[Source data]
........

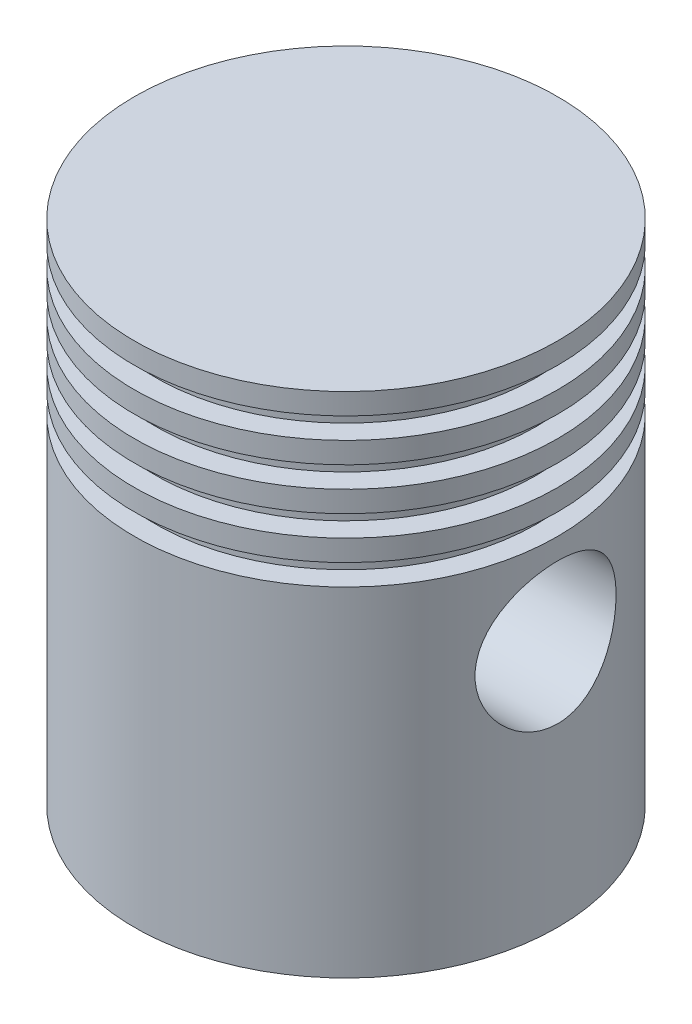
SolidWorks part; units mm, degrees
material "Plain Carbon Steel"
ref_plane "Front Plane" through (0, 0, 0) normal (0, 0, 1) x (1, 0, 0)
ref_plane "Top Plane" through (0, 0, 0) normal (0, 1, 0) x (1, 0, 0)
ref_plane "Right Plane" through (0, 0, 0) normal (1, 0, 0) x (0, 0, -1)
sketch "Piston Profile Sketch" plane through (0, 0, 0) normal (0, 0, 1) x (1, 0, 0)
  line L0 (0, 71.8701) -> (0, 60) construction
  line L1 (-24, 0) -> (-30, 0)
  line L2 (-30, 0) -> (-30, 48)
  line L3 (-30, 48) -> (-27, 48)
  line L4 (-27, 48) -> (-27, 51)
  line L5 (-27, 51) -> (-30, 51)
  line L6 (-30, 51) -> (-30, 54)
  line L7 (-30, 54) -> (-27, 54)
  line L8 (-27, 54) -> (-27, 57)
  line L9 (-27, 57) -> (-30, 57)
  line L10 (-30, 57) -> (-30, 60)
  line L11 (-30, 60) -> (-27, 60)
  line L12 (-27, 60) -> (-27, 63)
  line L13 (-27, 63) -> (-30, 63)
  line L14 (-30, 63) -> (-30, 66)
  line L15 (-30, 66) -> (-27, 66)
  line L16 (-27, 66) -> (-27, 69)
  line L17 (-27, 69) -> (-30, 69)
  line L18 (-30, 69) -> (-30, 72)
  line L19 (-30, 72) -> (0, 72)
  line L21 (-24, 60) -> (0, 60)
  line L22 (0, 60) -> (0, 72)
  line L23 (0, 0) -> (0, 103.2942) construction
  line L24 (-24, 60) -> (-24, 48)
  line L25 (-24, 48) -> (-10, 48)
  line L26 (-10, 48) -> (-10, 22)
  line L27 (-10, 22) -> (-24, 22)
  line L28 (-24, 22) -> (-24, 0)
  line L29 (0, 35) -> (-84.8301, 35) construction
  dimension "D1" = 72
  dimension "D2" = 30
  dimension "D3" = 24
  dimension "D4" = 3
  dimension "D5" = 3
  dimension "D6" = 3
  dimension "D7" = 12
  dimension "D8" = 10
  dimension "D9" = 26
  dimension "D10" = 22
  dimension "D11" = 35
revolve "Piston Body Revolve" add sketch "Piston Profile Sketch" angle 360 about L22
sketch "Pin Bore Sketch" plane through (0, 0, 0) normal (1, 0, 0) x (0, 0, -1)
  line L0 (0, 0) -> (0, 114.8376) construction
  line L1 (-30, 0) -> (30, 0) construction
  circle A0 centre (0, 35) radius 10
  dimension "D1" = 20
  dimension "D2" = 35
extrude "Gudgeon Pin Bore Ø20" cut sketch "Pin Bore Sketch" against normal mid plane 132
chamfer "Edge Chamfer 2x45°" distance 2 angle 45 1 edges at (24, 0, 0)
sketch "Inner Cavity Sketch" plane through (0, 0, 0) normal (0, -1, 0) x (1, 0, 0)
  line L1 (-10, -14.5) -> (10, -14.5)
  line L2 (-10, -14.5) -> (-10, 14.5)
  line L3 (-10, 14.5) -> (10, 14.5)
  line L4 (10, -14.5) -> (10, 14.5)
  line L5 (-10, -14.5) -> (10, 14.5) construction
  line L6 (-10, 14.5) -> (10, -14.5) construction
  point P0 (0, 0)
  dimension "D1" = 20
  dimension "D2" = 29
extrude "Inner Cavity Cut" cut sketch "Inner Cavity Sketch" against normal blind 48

........

About this task ::
With the images omitted, output all entries exactly as given.

Exercise result ::
SolidWorks part; units mm, degrees
material "Plain Carbon Steel"
ref_plane "Front Plane" through (0, 0, 0) normal (0, 0, 1) x (1, 0, 0)
ref_plane "Top Plane" through (0, 0, 0) normal (0, 1, 0) x (1, 0, 0)
ref_plane "Right Plane" through (0, 0, 0) normal (1, 0, 0) x (0, 0, -1)
sketch "Piston Profile Sketch" plane through (0, 0, 0) normal (0, 0, 1) x (1, 0, 0)
  line L0 (0, 71.8701) -> (0, 60) construction
  line L1 (-24, 0) -> (-30, 0)
  line L2 (-30, 0) -> (-30, 48)
  line L3 (-30, 48) -> (-27, 48)
  line L4 (-27, 48) -> (-27, 51)
  line L5 (-27, 51) -> (-30, 51)
  line L6 (-30, 51) -> (-30, 54)
  line L7 (-30, 54) -> (-27, 54)
  line L8 (-27, 54) -> (-27, 57)
  line L9 (-27, 57) -> (-30, 57)
  line L10 (-30, 57) -> (-30, 60)
  line L11 (-30, 60) -> (-27, 60)
  line L12 (-27, 60) -> (-27, 63)
  line L13 (-27, 63) -> (-30, 63)
  line L14 (-30, 63) -> (-30, 66)
  line L15 (-30, 66) -> (-27, 66)
  line L16 (-27, 66) -> (-27, 69)
  line L17 (-27, 69) -> (-30, 69)
  line L18 (-30, 69) -> (-30, 72)
  line L19 (-30, 72) -> (0, 72)
  line L21 (-24, 60) -> (0, 60)
  line L22 (0, 60) -> (0, 72)
  line L23 (0, 0) -> (0, 103.2942) construction
  line L24 (-24, 60) -> (-24, 48)
  line L25 (-24, 48) -> (-10, 48)
  line L26 (-10, 48) -> (-10, 22)
  line L27 (-10, 22) -> (-24, 22)
  line L28 (-24, 22) -> (-24, 0)
  line L29 (0, 35) -> (-84.8301, 35) construction
  dimension "D1" = 72
  dimension "D2" = 30
  dimension "D3" = 24
  dimension "D4" = 3
  dimension "D5" = 3
  dimension "D6" = 3
  dimension "D7" = 12
  dimension "D8" = 10
  dimension "D9" = 26
  dimension "D10" = 22
  dimension "D11" = 35
revolve "Piston Body Revolve" add sketch "Piston Profile Sketch" angle 360 about L22
sketch "Pin Bore Sketch" plane through (0, 0, 0) normal (1, 0, 0) x (0, 0, -1)
  line L0 (0, 0) -> (0, 114.8376) construction
  line L1 (-30, 0) -> (30, 0) construction
  circle A0 centre (0, 35) radius 10
  dimension "D1" = 20
  dimension "D2" = 35
extrude "Gudgeon Pin Bore Ø20" cut sketch "Pin Bore Sketch" against normal mid plane 132
chamfer "Edge Chamfer 2x45°" distance 2 angle 45 1 edges at (24, 0, 0)
sketch "Inner Cavity Sketch" plane through (0, 0, 0) normal (0, -1, 0) x (1, 0, 0)
  line L1 (-10, -14.5) -> (10, -14.5)
  line L2 (-10, -14.5) -> (-10, 14.5)
  line L3 (-10, 14.5) -> (10, 14.5)
  line L4 (10, -14.5) -> (10, 14.5)
  line L5 (-10, -14.5) -> (10, 14.5) construction
  line L6 (-10, 14.5) -> (10, -14.5) construction
  point P0 (0, 0)
  dimension "D1" = 20
  dimension "D2" = 29
extrude "Inner Cavity Cut" cut sketch "Inner Cavity Sketch" against normal blind 48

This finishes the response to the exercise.